YOUR ASSIGNMENT: Scan the listing below and copy every line holding "Glass".

EXTRACTED ENTRIES:
========================================================================

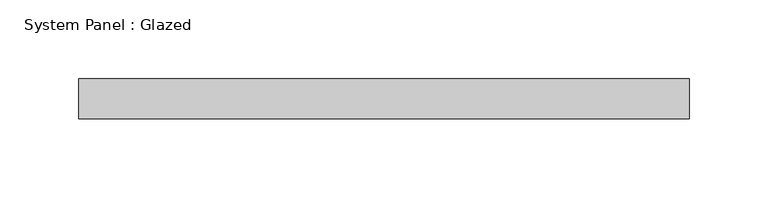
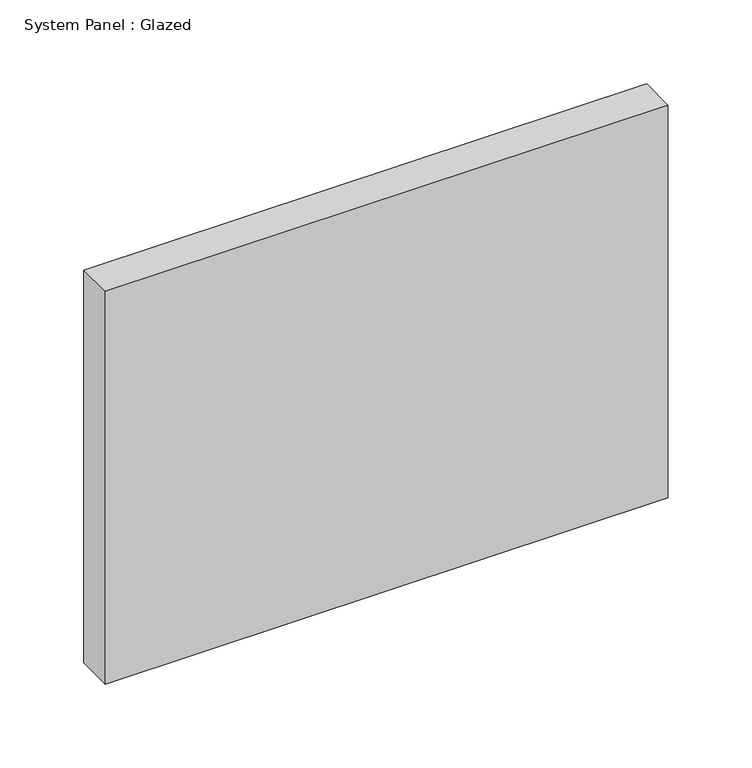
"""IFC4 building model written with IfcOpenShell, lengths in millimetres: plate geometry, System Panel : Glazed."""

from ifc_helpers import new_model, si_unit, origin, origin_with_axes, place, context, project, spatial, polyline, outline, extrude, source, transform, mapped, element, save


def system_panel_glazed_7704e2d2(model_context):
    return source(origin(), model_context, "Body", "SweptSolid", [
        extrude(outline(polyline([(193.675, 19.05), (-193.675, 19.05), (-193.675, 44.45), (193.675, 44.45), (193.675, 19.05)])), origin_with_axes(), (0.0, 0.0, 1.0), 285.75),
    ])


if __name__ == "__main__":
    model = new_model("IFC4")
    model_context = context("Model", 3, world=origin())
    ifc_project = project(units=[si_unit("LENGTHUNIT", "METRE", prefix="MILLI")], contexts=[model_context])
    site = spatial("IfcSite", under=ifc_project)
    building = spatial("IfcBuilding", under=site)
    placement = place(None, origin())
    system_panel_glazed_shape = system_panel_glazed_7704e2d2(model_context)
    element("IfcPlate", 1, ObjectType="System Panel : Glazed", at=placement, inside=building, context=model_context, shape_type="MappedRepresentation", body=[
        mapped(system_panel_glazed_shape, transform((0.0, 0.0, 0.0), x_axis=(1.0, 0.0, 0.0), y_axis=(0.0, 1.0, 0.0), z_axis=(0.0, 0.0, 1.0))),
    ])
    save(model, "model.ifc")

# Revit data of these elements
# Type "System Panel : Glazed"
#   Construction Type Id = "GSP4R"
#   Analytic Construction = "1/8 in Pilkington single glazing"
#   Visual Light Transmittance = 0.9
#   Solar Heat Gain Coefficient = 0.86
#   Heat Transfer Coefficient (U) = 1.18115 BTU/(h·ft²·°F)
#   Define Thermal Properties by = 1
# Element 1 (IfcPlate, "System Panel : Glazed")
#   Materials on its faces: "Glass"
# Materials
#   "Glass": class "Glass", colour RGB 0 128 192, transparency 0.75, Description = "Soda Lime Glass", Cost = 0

========================================================================

WRITTEN REPLY:
#   Materials on its faces: "Glass"
#   "Glass": class "Glass", colour RGB 0 128 192, transparency 0.75, Description = "Soda Lime Glass", Cost = 0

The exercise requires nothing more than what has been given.